- Data for analysis -

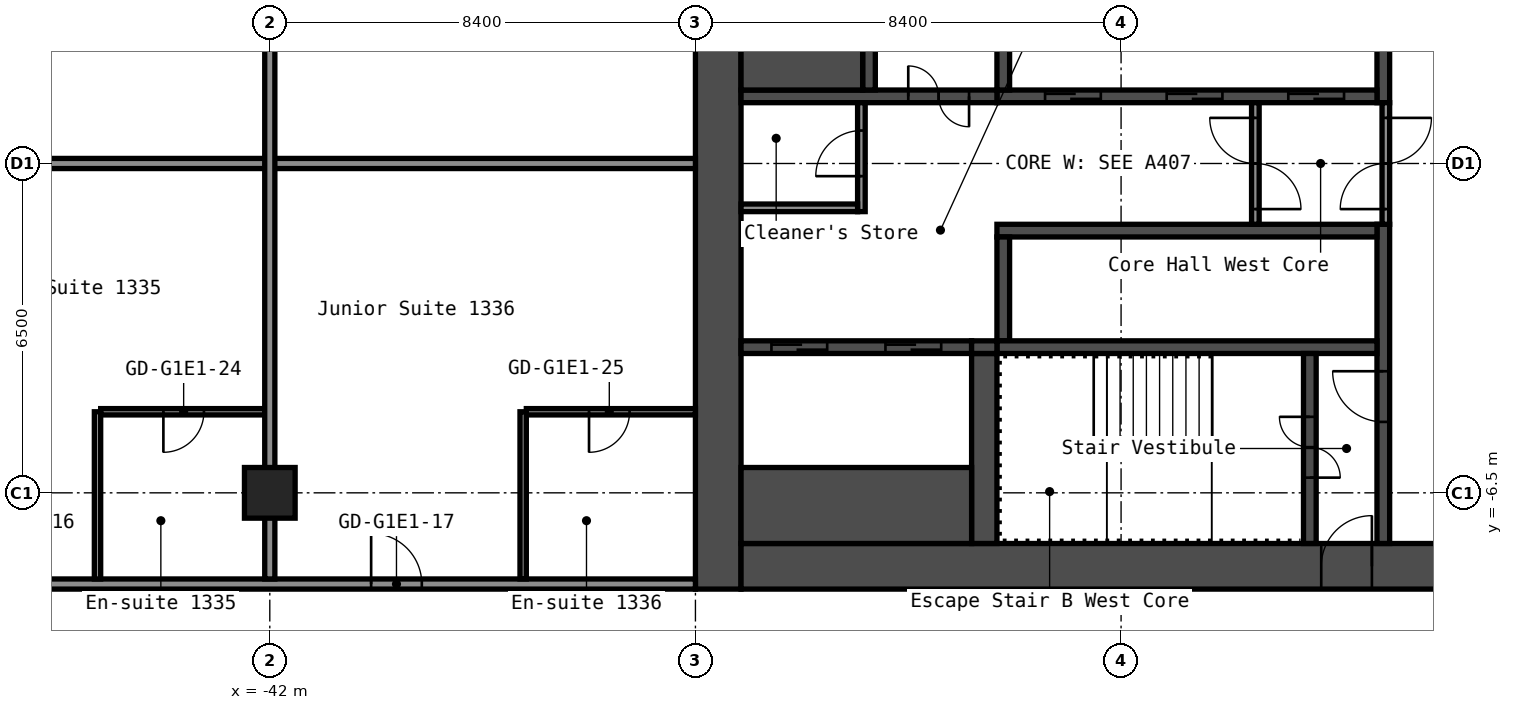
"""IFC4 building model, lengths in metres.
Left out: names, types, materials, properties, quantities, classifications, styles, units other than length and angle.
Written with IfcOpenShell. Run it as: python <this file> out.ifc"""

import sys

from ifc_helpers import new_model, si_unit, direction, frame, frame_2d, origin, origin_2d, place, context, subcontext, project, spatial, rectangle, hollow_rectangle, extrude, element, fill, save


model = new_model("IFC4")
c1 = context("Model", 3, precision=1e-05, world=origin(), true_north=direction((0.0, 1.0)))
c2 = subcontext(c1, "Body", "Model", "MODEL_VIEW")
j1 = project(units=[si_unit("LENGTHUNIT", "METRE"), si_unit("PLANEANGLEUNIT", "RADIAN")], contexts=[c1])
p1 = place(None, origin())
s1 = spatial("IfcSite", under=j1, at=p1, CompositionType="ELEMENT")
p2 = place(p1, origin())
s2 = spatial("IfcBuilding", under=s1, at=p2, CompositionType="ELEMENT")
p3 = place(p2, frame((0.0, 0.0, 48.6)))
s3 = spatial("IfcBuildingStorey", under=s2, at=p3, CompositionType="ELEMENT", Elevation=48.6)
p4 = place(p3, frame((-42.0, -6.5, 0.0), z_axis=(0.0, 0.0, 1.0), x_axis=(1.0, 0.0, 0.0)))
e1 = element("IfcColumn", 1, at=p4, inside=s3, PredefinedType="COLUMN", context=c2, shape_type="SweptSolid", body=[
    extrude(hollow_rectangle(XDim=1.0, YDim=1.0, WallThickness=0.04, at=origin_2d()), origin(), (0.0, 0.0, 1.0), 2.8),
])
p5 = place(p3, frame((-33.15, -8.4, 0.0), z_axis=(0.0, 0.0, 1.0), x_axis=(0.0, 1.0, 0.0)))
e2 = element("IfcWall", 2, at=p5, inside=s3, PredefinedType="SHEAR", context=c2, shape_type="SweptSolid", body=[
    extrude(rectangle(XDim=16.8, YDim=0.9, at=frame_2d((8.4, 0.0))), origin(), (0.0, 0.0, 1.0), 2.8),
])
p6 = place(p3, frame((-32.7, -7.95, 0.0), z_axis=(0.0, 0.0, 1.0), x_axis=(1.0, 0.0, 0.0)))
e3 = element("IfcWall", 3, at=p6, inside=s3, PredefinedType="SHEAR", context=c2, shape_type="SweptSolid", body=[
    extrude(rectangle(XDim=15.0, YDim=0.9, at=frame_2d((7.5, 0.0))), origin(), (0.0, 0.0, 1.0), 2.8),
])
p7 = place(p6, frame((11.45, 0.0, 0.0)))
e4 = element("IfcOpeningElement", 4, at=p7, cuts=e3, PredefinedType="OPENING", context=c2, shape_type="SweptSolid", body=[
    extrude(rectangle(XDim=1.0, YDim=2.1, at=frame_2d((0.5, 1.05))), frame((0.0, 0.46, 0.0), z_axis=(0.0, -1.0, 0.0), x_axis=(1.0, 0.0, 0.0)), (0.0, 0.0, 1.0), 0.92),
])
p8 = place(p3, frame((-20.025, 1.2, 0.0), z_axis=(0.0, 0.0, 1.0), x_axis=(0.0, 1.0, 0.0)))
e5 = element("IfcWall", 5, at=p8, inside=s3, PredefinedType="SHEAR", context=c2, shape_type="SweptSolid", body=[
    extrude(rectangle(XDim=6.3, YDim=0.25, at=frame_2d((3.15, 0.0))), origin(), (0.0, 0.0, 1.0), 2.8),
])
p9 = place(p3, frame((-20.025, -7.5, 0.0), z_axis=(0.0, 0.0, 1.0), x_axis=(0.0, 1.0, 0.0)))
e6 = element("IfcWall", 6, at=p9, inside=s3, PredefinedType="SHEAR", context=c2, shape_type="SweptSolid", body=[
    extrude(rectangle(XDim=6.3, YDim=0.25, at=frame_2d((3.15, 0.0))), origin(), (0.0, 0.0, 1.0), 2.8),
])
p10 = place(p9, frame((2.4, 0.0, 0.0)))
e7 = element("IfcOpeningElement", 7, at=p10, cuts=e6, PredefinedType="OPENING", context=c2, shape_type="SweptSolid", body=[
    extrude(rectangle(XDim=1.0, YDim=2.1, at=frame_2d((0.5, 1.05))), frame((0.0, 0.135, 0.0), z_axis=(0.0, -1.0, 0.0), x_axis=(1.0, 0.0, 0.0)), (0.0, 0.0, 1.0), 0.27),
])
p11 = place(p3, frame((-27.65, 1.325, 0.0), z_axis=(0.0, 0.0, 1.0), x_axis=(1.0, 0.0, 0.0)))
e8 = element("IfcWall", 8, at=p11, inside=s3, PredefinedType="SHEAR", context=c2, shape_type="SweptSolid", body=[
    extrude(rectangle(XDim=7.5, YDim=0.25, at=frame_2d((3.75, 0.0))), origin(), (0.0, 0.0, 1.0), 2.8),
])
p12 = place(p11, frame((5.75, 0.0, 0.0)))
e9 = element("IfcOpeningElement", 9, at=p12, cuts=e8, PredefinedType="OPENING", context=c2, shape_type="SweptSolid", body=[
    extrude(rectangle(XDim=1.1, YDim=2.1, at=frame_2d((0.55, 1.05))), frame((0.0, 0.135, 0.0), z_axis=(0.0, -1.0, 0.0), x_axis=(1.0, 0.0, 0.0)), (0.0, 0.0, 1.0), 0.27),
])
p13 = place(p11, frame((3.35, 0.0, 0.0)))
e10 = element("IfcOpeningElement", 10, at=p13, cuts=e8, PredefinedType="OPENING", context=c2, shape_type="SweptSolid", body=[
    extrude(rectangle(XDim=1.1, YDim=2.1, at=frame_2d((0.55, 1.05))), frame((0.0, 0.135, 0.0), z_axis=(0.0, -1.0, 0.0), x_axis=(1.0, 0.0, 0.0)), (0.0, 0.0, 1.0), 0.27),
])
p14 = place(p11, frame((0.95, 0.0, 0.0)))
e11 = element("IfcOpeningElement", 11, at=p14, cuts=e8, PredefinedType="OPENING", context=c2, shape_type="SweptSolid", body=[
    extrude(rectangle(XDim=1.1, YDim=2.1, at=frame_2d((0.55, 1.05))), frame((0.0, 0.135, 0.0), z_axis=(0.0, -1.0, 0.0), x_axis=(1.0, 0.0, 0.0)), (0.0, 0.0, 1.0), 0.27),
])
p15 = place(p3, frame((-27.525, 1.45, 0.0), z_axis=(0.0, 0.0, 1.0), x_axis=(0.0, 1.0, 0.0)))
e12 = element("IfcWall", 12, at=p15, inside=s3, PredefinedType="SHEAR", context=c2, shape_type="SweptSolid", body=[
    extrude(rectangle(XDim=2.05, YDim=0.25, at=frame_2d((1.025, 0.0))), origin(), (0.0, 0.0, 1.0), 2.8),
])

- Your task -
Please copy the data shown above word for word, omitting the pictures.

- Worked solution -
"""IFC4 building model, lengths in metres.
Left out: names, types, materials, properties, quantities, classifications, styles, units other than length and angle.
Written with IfcOpenShell. Run it as: python <this file> out.ifc"""

import sys

from ifc_helpers import new_model, si_unit, direction, frame, frame_2d, origin, origin_2d, place, context, subcontext, project, spatial, rectangle, hollow_rectangle, extrude, element, fill, save


model = new_model("IFC4")
c1 = context("Model", 3, precision=1e-05, world=origin(), true_north=direction((0.0, 1.0)))
c2 = subcontext(c1, "Body", "Model", "MODEL_VIEW")
j1 = project(units=[si_unit("LENGTHUNIT", "METRE"), si_unit("PLANEANGLEUNIT", "RADIAN")], contexts=[c1])
p1 = place(None, origin())
s1 = spatial("IfcSite", under=j1, at=p1, CompositionType="ELEMENT")
p2 = place(p1, origin())
s2 = spatial("IfcBuilding", under=s1, at=p2, CompositionType="ELEMENT")
p3 = place(p2, frame((0.0, 0.0, 48.6)))
s3 = spatial("IfcBuildingStorey", under=s2, at=p3, CompositionType="ELEMENT", Elevation=48.6)
p4 = place(p3, frame((-42.0, -6.5, 0.0), z_axis=(0.0, 0.0, 1.0), x_axis=(1.0, 0.0, 0.0)))
e1 = element("IfcColumn", 1, at=p4, inside=s3, PredefinedType="COLUMN", context=c2, shape_type="SweptSolid", body=[
    extrude(hollow_rectangle(XDim=1.0, YDim=1.0, WallThickness=0.04, at=origin_2d()), origin(), (0.0, 0.0, 1.0), 2.8),
])
p5 = place(p3, frame((-33.15, -8.4, 0.0), z_axis=(0.0, 0.0, 1.0), x_axis=(0.0, 1.0, 0.0)))
e2 = element("IfcWall", 2, at=p5, inside=s3, PredefinedType="SHEAR", context=c2, shape_type="SweptSolid", body=[
    extrude(rectangle(XDim=16.8, YDim=0.9, at=frame_2d((8.4, 0.0))), origin(), (0.0, 0.0, 1.0), 2.8),
])
p6 = place(p3, frame((-32.7, -7.95, 0.0), z_axis=(0.0, 0.0, 1.0), x_axis=(1.0, 0.0, 0.0)))
e3 = element("IfcWall", 3, at=p6, inside=s3, PredefinedType="SHEAR", context=c2, shape_type="SweptSolid", body=[
    extrude(rectangle(XDim=15.0, YDim=0.9, at=frame_2d((7.5, 0.0))), origin(), (0.0, 0.0, 1.0), 2.8),
])
p7 = place(p6, frame((11.45, 0.0, 0.0)))
e4 = element("IfcOpeningElement", 4, at=p7, cuts=e3, PredefinedType="OPENING", context=c2, shape_type="SweptSolid", body=[
    extrude(rectangle(XDim=1.0, YDim=2.1, at=frame_2d((0.5, 1.05))), frame((0.0, 0.46, 0.0), z_axis=(0.0, -1.0, 0.0), x_axis=(1.0, 0.0, 0.0)), (0.0, 0.0, 1.0), 0.92),
])
p8 = place(p3, frame((-20.025, 1.2, 0.0), z_axis=(0.0, 0.0, 1.0), x_axis=(0.0, 1.0, 0.0)))
e5 = element("IfcWall", 5, at=p8, inside=s3, PredefinedType="SHEAR", context=c2, shape_type="SweptSolid", body=[
    extrude(rectangle(XDim=6.3, YDim=0.25, at=frame_2d((3.15, 0.0))), origin(), (0.0, 0.0, 1.0), 2.8),
])
p9 = place(p3, frame((-20.025, -7.5, 0.0), z_axis=(0.0, 0.0, 1.0), x_axis=(0.0, 1.0, 0.0)))
e6 = element("IfcWall", 6, at=p9, inside=s3, PredefinedType="SHEAR", context=c2, shape_type="SweptSolid", body=[
    extrude(rectangle(XDim=6.3, YDim=0.25, at=frame_2d((3.15, 0.0))), origin(), (0.0, 0.0, 1.0), 2.8),
])
p10 = place(p9, frame((2.4, 0.0, 0.0)))
e7 = element("IfcOpeningElement", 7, at=p10, cuts=e6, PredefinedType="OPENING", context=c2, shape_type="SweptSolid", body=[
    extrude(rectangle(XDim=1.0, YDim=2.1, at=frame_2d((0.5, 1.05))), frame((0.0, 0.135, 0.0), z_axis=(0.0, -1.0, 0.0), x_axis=(1.0, 0.0, 0.0)), (0.0, 0.0, 1.0), 0.27),
])
p11 = place(p3, frame((-27.65, 1.325, 0.0), z_axis=(0.0, 0.0, 1.0), x_axis=(1.0, 0.0, 0.0)))
e8 = element("IfcWall", 8, at=p11, inside=s3, PredefinedType="SHEAR", context=c2, shape_type="SweptSolid", body=[
    extrude(rectangle(XDim=7.5, YDim=0.25, at=frame_2d((3.75, 0.0))), origin(), (0.0, 0.0, 1.0), 2.8),
])
p12 = place(p11, frame((5.75, 0.0, 0.0)))
e9 = element("IfcOpeningElement", 9, at=p12, cuts=e8, PredefinedType="OPENING", context=c2, shape_type="SweptSolid", body=[
    extrude(rectangle(XDim=1.1, YDim=2.1, at=frame_2d((0.55, 1.05))), frame((0.0, 0.135, 0.0), z_axis=(0.0, -1.0, 0.0), x_axis=(1.0, 0.0, 0.0)), (0.0, 0.0, 1.0), 0.27),
])
p13 = place(p11, frame((3.35, 0.0, 0.0)))
e10 = element("IfcOpeningElement", 10, at=p13, cuts=e8, PredefinedType="OPENING", context=c2, shape_type="SweptSolid", body=[
    extrude(rectangle(XDim=1.1, YDim=2.1, at=frame_2d((0.55, 1.05))), frame((0.0, 0.135, 0.0), z_axis=(0.0, -1.0, 0.0), x_axis=(1.0, 0.0, 0.0)), (0.0, 0.0, 1.0), 0.27),
])
p14 = place(p11, frame((0.95, 0.0, 0.0)))
e11 = element("IfcOpeningElement", 11, at=p14, cuts=e8, PredefinedType="OPENING", context=c2, shape_type="SweptSolid", body=[
    extrude(rectangle(XDim=1.1, YDim=2.1, at=frame_2d((0.55, 1.05))), frame((0.0, 0.135, 0.0), z_axis=(0.0, -1.0, 0.0), x_axis=(1.0, 0.0, 0.0)), (0.0, 0.0, 1.0), 0.27),
])
p15 = place(p3, frame((-27.525, 1.45, 0.0), z_axis=(0.0, 0.0, 1.0), x_axis=(0.0, 1.0, 0.0)))
e12 = element("IfcWall", 12, at=p15, inside=s3, PredefinedType="SHEAR", context=c2, shape_type="SweptSolid", body=[
    extrude(rectangle(XDim=2.05, YDim=0.25, at=frame_2d((1.025, 0.0))), origin(), (0.0, 0.0, 1.0), 2.8),
])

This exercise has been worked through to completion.